** ABOUT THIS EXERCISE **
Filter these entries down to the lines that hold the word "cuts", and show each of them.

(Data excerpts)
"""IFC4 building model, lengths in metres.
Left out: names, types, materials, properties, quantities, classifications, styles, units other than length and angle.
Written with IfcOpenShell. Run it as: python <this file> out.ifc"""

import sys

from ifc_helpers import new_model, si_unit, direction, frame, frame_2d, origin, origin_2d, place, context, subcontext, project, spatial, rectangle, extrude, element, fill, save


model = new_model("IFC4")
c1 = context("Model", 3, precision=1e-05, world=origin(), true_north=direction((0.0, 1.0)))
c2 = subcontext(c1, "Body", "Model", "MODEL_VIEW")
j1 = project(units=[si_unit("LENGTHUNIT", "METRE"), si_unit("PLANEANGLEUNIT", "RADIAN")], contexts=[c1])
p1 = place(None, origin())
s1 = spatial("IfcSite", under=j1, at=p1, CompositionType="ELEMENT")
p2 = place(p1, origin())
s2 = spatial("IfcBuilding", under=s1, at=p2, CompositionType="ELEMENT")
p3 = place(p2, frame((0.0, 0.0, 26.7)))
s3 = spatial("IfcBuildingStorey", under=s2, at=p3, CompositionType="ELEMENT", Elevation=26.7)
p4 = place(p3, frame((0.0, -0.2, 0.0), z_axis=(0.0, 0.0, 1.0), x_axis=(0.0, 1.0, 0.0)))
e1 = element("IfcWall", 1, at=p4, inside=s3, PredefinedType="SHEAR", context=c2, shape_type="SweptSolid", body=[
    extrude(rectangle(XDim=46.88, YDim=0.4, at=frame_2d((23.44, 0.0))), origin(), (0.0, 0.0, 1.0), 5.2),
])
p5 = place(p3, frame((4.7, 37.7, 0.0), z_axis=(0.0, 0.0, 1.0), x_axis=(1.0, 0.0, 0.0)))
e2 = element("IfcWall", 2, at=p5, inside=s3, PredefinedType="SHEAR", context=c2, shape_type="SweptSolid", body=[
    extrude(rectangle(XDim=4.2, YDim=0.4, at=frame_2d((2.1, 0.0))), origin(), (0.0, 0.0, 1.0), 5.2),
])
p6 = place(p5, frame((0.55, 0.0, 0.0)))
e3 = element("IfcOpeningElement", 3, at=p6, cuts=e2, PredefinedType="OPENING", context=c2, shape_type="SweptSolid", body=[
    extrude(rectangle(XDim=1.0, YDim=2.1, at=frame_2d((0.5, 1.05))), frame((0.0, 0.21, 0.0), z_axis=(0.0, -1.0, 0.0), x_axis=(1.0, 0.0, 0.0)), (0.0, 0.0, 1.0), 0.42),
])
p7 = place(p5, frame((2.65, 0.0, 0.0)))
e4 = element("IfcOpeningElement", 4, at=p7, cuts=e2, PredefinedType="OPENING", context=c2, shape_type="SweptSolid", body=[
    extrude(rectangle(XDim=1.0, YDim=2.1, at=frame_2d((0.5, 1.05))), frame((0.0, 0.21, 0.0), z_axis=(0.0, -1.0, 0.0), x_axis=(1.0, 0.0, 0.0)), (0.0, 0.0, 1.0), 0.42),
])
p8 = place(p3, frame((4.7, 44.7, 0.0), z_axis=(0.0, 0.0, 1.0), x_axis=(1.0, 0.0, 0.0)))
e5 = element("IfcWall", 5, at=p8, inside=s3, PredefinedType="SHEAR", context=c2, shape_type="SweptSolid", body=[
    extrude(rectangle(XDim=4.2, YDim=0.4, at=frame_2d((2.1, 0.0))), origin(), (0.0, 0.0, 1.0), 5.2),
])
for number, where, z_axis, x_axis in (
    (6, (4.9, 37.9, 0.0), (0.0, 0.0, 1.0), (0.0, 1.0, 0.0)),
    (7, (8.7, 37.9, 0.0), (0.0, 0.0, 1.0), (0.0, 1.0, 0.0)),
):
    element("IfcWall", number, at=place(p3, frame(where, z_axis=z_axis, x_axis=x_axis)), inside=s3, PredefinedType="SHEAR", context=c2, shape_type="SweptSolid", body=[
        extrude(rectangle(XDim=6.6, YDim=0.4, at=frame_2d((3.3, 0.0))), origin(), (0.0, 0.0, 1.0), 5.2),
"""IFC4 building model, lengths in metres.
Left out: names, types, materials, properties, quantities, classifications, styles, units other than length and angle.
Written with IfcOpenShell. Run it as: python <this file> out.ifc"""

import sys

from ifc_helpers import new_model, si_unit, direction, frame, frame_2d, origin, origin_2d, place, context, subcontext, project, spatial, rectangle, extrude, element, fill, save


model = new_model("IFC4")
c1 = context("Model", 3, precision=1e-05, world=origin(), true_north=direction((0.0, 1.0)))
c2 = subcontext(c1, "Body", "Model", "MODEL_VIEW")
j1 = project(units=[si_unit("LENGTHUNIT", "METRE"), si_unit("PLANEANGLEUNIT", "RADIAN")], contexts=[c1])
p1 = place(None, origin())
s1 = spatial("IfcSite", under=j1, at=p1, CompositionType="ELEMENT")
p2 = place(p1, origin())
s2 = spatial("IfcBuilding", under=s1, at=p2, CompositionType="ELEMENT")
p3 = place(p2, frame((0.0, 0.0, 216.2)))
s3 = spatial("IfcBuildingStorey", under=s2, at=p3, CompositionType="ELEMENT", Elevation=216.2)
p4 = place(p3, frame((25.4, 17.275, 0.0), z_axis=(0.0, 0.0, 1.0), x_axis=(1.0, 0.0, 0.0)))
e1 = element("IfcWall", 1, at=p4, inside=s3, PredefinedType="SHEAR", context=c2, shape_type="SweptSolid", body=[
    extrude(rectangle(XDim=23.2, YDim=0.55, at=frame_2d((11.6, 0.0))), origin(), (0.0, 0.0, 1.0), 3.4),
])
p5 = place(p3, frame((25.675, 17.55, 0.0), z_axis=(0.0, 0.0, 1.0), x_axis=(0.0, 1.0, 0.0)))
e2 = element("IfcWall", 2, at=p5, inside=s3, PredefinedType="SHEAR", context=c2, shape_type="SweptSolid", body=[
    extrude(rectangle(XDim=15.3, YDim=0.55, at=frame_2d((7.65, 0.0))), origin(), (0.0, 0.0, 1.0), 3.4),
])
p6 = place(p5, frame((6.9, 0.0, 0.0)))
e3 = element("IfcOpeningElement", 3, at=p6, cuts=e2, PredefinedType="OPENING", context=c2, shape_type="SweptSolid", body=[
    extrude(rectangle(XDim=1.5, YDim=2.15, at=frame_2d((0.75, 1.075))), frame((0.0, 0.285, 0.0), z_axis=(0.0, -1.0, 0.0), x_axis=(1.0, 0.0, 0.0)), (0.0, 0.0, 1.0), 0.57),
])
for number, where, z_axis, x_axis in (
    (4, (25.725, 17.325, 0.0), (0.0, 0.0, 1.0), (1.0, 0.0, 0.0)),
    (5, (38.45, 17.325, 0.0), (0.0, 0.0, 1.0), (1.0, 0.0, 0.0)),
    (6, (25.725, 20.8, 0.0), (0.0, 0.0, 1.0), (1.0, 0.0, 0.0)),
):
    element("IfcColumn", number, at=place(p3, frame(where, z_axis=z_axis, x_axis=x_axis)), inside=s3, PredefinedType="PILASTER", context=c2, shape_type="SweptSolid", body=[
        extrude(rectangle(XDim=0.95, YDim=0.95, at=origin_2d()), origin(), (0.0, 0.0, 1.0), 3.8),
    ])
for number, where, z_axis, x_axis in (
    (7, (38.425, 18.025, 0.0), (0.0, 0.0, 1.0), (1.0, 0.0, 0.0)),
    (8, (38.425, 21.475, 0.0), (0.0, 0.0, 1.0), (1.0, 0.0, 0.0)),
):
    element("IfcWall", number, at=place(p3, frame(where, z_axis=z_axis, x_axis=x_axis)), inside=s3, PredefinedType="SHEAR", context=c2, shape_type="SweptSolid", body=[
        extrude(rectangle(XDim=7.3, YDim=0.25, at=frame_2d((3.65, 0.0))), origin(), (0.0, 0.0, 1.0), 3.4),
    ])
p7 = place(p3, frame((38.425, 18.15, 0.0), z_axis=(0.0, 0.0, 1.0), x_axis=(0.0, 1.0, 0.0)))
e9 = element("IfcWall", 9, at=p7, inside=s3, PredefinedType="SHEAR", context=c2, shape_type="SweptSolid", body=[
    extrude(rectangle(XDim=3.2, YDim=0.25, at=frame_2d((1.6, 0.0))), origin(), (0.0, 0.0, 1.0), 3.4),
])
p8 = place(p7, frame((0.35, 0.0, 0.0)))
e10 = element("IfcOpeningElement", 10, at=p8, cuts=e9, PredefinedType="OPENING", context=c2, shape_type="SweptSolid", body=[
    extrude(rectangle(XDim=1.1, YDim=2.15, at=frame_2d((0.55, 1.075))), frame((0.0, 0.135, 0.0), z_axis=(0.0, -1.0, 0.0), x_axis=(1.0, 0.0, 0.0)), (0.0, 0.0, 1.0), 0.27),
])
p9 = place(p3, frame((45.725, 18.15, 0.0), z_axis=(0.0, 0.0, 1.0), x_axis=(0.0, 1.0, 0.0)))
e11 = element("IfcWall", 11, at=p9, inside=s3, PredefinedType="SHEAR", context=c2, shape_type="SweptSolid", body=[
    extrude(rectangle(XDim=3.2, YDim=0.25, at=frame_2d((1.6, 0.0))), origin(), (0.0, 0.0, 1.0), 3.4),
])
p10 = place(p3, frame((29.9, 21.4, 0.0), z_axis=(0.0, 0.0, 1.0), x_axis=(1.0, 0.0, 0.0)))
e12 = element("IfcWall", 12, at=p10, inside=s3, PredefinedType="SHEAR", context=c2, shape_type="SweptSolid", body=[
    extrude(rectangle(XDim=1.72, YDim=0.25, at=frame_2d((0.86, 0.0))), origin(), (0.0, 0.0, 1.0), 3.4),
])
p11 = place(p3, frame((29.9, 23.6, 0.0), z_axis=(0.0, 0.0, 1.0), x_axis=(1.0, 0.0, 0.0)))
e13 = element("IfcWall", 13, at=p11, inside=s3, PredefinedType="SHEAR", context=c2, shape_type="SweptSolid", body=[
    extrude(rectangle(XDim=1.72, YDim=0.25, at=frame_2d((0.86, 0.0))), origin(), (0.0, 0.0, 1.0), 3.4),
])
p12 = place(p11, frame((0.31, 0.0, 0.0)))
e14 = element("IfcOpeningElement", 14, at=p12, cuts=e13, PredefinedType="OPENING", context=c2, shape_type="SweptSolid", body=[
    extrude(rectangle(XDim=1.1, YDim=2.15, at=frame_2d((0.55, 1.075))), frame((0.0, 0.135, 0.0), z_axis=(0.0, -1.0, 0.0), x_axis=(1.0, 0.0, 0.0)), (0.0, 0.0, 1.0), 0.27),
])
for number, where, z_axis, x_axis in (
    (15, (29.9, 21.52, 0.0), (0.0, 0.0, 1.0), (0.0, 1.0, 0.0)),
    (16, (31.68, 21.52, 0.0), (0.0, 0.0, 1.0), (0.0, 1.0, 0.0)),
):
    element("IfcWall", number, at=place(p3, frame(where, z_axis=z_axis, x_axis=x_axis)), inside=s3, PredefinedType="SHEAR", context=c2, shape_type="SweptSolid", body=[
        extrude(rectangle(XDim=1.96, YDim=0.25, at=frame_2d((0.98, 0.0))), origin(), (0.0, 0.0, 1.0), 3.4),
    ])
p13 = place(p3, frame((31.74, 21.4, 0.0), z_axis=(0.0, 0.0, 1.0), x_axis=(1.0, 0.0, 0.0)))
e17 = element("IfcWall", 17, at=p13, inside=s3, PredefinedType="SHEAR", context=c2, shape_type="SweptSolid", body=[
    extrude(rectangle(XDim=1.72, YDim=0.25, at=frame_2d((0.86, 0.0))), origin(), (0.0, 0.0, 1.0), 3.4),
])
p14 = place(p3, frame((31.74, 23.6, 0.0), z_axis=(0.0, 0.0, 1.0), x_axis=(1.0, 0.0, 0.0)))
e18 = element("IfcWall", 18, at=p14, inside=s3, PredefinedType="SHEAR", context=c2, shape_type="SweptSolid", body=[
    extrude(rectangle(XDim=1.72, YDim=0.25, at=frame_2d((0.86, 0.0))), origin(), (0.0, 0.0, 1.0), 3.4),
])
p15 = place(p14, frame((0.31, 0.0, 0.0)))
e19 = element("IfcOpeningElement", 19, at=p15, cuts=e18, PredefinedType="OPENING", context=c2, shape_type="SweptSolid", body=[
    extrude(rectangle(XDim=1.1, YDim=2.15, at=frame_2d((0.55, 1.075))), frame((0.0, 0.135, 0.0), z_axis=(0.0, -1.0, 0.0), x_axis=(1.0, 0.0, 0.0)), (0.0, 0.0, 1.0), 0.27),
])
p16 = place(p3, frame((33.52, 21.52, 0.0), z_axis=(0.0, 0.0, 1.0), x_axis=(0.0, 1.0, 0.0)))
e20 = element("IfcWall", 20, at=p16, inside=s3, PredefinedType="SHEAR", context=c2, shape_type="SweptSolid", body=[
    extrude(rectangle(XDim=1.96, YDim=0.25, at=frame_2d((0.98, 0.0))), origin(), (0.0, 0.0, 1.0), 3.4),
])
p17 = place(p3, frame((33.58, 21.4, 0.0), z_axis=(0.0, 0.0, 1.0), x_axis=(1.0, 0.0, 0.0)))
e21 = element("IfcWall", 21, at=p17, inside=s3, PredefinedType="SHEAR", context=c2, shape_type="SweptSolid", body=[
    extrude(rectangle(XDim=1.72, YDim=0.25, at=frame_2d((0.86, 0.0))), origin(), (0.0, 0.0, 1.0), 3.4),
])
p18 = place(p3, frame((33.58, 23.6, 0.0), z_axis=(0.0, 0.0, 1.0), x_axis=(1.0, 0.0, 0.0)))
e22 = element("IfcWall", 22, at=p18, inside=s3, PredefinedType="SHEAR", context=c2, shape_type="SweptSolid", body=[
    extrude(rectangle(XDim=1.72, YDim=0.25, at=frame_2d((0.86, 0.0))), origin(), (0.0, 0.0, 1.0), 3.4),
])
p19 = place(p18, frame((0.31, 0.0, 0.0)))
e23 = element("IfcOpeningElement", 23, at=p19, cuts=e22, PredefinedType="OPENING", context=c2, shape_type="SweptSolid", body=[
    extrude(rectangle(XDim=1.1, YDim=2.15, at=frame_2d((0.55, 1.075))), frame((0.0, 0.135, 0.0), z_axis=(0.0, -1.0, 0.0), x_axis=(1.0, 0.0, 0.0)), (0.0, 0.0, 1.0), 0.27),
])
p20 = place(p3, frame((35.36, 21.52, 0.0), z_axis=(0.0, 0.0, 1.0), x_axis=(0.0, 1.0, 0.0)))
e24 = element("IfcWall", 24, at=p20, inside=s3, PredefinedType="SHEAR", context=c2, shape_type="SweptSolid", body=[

** FINAL ANSWER **
e3 = element("IfcOpeningElement", 3, at=p6, cuts=e2, PredefinedType="OPENING", context=c2, shape_type="SweptSolid", body=[
e4 = element("IfcOpeningElement", 4, at=p7, cuts=e2, PredefinedType="OPENING", context=c2, shape_type="SweptSolid", body=[
e3 = element("IfcOpeningElement", 3, at=p6, cuts=e2, PredefinedType="OPENING", context=c2, shape_type="SweptSolid", body=[
e10 = element("IfcOpeningElement", 10, at=p8, cuts=e9, PredefinedType="OPENING", context=c2, shape_type="SweptSolid", body=[
e14 = element("IfcOpeningElement", 14, at=p12, cuts=e13, PredefinedType="OPENING", context=c2, shape_type="SweptSolid", body=[
e19 = element("IfcOpeningElement", 19, at=p15, cuts=e18, PredefinedType="OPENING", context=c2, shape_type="SweptSolid", body=[
e23 = element("IfcOpeningElement", 23, at=p19, cuts=e22, PredefinedType="OPENING", context=c2, shape_type="SweptSolid", body=[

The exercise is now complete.